# Work item:
Within the data below, copy each line where the string "IfcDoor" is found.

───── Material shown

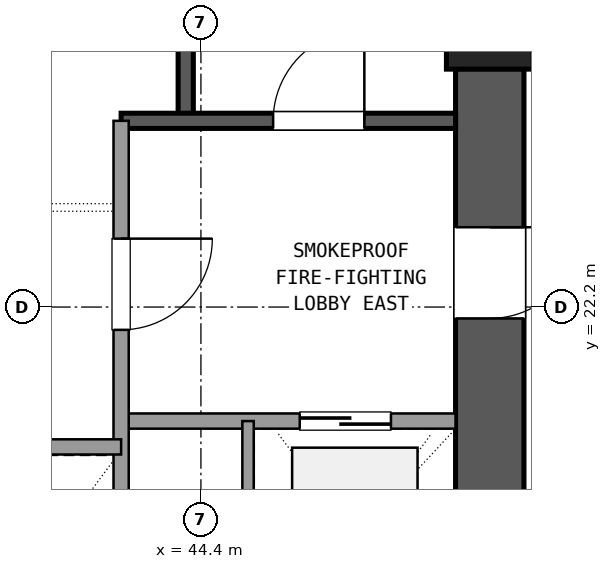
"""IFC4 building model, lengths in metres.
Left out: names, types, materials, properties, quantities, classifications, styles, units other than length and angle.
Written with IfcOpenShell. Run it as: python <this file> out.ifc"""

import sys

from ifc_helpers import new_model, si_unit, direction, frame, frame_2d, origin, origin_2d, place, context, subcontext, project, spatial, rectangle, extrude, element, fill, save


model = new_model("IFC4")
c1 = context("Model", 3, precision=1e-05, world=origin(), true_north=direction((0.0, 1.0)))
c2 = subcontext(c1, "Body", "Model", "MODEL_VIEW")
j1 = project(units=[si_unit("LENGTHUNIT", "METRE"), si_unit("PLANEANGLEUNIT", "RADIAN")], contexts=[c1])
p1 = place(None, origin())
s1 = spatial("IfcSite", under=j1, at=p1, CompositionType="ELEMENT")
p2 = place(p1, origin())
s2 = spatial("IfcBuilding", under=s1, at=p2, CompositionType="ELEMENT")
p3 = place(p2, frame((0.0, 0.0, 31.14)))
s3 = spatial("IfcBuildingStorey", under=s2, at=p3, CompositionType="ELEMENT", Elevation=31.14)
p4 = place(p3, frame((48.2, 25.9, 0.0), z_axis=(0.0, 0.0, 1.0), x_axis=(1.0, 0.0, 0.0)))
e1 = element("IfcColumn", 1, at=p4, inside=s3, PredefinedType="COLUMN", context=c2, shape_type="SweptSolid", body=[
    extrude(rectangle(XDim=1.14, YDim=1.14, at=origin_2d()), origin(), (0.0, 0.0, 1.0), 3.6),
])
p5 = place(p3, frame((48.2, 17.865, 0.0), z_axis=(0.0, 0.0, 1.0), x_axis=(0.0, 1.0, 0.0)))
e2 = element("IfcWall", 2, at=p5, inside=s3, PredefinedType="SHEAR", context=c2, shape_type="SweptSolid", body=[
    extrude(rectangle(XDim=7.47, YDim=0.9, at=frame_2d((3.735, 0.0))), origin(), (0.0, 0.0, 1.0), 3.32),
])
p6 = place(p5, frame((4.185, 0.0, 0.0)))
e3 = element("IfcOpeningElement", 3, at=p6, cuts=e2, PredefinedType="OPENING", context=c2, shape_type="SweptSolid", body=[
    extrude(rectangle(XDim=1.2, YDim=2.15, at=frame_2d((0.6, 1.075))), frame((0.0, 0.46, 0.0), z_axis=(0.0, -1.0, 0.0), x_axis=(1.0, 0.0, 0.0)), (0.0, 0.0, 1.0), 0.92),
])
p7 = place(p3, frame((44.2, 24.65, 0.0), z_axis=(0.0, 0.0, 1.0), x_axis=(0.0, 1.0, 0.0)))
e4 = element("IfcWall", 4, at=p7, inside=s3, PredefinedType="SHEAR", context=c2, shape_type="SweptSolid", body=[
    extrude(rectangle(XDim=9.4, YDim=0.2, at=frame_2d((4.7, 0.0))), origin(), (0.0, 0.0, 1.0), 3.32),
])
p8 = place(p3, frame((43.35, 24.65, 0.0), z_axis=(0.0, 0.0, 1.0), x_axis=(1.0, 0.0, 0.0)))
e5 = element("IfcWall", 5, at=p8, inside=s3, PredefinedType="SHEAR", context=c2, shape_type="SweptSolid", body=[
    extrude(rectangle(XDim=4.4, YDim=0.2, at=frame_2d((2.2, 0.0))), origin(), (0.0, 0.0, 1.0), 3.32),
])
p9 = place(p8, frame((2.0, 0.0, 0.0)))
e6 = element("IfcOpeningElement", 6, at=p9, cuts=e5, PredefinedType="OPENING", context=c2, shape_type="SweptSolid", body=[
    extrude(rectangle(XDim=1.2, YDim=2.15, at=frame_2d((0.6, 1.075))), frame((0.0, 0.11, 0.0), z_axis=(0.0, -1.0, 0.0), x_axis=(1.0, 0.0, 0.0)), (0.0, 0.0, 1.0), 0.22),
])
p10 = place(p3, frame((43.35, 20.7, 0.0), z_axis=(0.0, 0.0, 1.0), x_axis=(1.0, 0.0, 0.0)))
e7 = element("IfcWall", 7, at=p10, inside=s3, PredefinedType="SOLIDWALL", context=c2, shape_type="SweptSolid", body=[
    extrude(rectangle(XDim=4.4, YDim=0.2, at=frame_2d((2.2, 0.0))), origin(), (0.0, 0.0, 1.0), 2.61),
])
p11 = place(p10, frame((2.35, 0.0, 0.0)))
e8 = element("IfcOpeningElement", 8, at=p11, cuts=e7, PredefinedType="OPENING", context=c2, shape_type="SweptSolid", body=[
    extrude(rectangle(XDim=1.2, YDim=2.15, at=frame_2d((0.6, 1.075))), frame((0.0, 0.11, 0.0), z_axis=(0.0, -1.0, 0.0), x_axis=(1.0, 0.0, 0.0)), (0.0, 0.0, 1.0), 0.22),
])
p12 = place(p3, frame((43.35, 17.75, 0.0), z_axis=(0.0, 0.0, 1.0), x_axis=(0.0, 1.0, 0.0)))
e9 = element("IfcWall", 9, at=p12, inside=s3, PredefinedType="SOLIDWALL", context=c2, shape_type="SweptSolid", body=[
    extrude(rectangle(XDim=6.9, YDim=0.2, at=frame_2d((3.45, 0.0))), origin(), (0.0, 0.0, 1.0), 2.61),
])
p13 = place(p12, frame((4.15, 0.0, 0.0)))
e10 = element("IfcOpeningElement", 10, at=p13, cuts=e9, PredefinedType="OPENING", context=c2, shape_type="SweptSolid", body=[
    extrude(rectangle(XDim=1.2, YDim=2.15, at=frame_2d((0.6, 1.075))), frame((0.0, 0.11, 0.0), z_axis=(0.0, -1.0, 0.0), x_axis=(1.0, 0.0, 0.0)), (0.0, 0.0, 1.0), 0.22),
])
p14 = place(p3, frame((45.02, 17.75, 0.0), z_axis=(0.0, 0.0, 1.0), x_axis=(0.0, 1.0, 0.0)))
e11 = element("IfcWall", 11, at=p14, inside=s3, PredefinedType="PARTITIONING", context=c2, shape_type="SweptSolid", body=[
    extrude(rectangle(XDim=2.95, YDim=0.15, at=frame_2d((1.475, 0.0))), origin(), (0.0, 0.0, 1.0), 2.61),
])
p15 = place(p3, frame((37.25, 20.36, 0.0), z_axis=(0.0, 0.0, 1.0), x_axis=(1.0, 0.0, 0.0)))
e12 = element("IfcWall", 12, at=p15, inside=s3, PredefinedType="SOLIDWALL", context=c2, shape_type="SweptSolid", body=[
    extrude(rectangle(XDim=6.1, YDim=0.2, at=frame_2d((3.05, 0.0))), origin(), (0.0, 0.0, 1.0), 2.61),
])
p16 = place(p9, origin())
e13 = element("IfcDoor", 13, at=p16, inside=s3, OperationType="SINGLE_SWING_RIGHT", PredefinedType="DOOR", context=c2, shape_type="SweptSolid", body=[
    extrude(rectangle(XDim=1.2, YDim=2.15, at=frame_2d((0.6, 1.075))), frame((0.0, 0.025, 0.0), z_axis=(0.0, -1.0, 0.0), x_axis=(1.0, 0.0, 0.0)), (0.0, 0.0, 1.0), 0.05),
])
fill(e6, e13)
p17 = place(p11, origin())
e14 = element("IfcDoor", 14, at=p17, inside=s3, OperationType="SLIDING_TO_RIGHT", PredefinedType="DOOR", context=c2, shape_type="SweptSolid", body=[
    extrude(rectangle(XDim=1.2, YDim=2.15, at=frame_2d((0.6, 1.075))), frame((0.0, 0.025, 0.0), z_axis=(0.0, -1.0, 0.0), x_axis=(1.0, 0.0, 0.0)), (0.0, 0.0, 1.0), 0.05),
])
fill(e8, e14)
p18 = place(p13, frame((1.2, 0.0, 0.0), z_axis=(0.0, 0.0, 1.0), x_axis=(-1.0, 0.0, 0.0)))
e15 = element("IfcDoor", 15, at=p18, inside=s3, OperationType="SINGLE_SWING_RIGHT", PredefinedType="DOOR", context=c2, shape_type="SweptSolid", body=[
    extrude(rectangle(XDim=1.2, YDim=2.15, at=frame_2d((0.6, 1.075))), frame((0.0, 0.025, 0.0), z_axis=(0.0, -1.0, 0.0), x_axis=(1.0, 0.0, 0.0)), (0.0, 0.0, 1.0), 0.05),
])
fill(e10, e15)
p19 = place(p6, frame((1.2, 0.0, 0.0), z_axis=(0.0, 0.0, 1.0), x_axis=(-1.0, 0.0, 0.0)))
e16 = element("IfcDoor", 16, at=p19, inside=s3, OperationType="SINGLE_SWING_RIGHT", PredefinedType="DOOR", context=c2, shape_type="SweptSolid", body=[
    extrude(rectangle(XDim=1.2, YDim=2.15, at=frame_2d((0.6, 1.075))), frame((0.0, 0.025, 0.0), z_axis=(0.0, -1.0, 0.0), x_axis=(1.0, 0.0, 0.0)), (0.0, 0.0, 1.0), 0.05),
])
fill(e3, e16)
save(model, sys.argv[1])

──────────

# Result of this task:
e13 = element("IfcDoor", 13, at=p16, inside=s3, OperationType="SINGLE_SWING_RIGHT", PredefinedType="DOOR", context=c2, shape_type="SweptSolid", body=[
e14 = element("IfcDoor", 14, at=p17, inside=s3, OperationType="SLIDING_TO_RIGHT", PredefinedType="DOOR", context=c2, shape_type="SweptSolid", body=[
e15 = element("IfcDoor", 15, at=p18, inside=s3, OperationType="SINGLE_SWING_RIGHT", PredefinedType="DOOR", context=c2, shape_type="SweptSolid", body=[
e16 = element("IfcDoor", 16, at=p19, inside=s3, OperationType="SINGLE_SWING_RIGHT", PredefinedType="DOOR", context=c2, shape_type="SweptSolid", body=[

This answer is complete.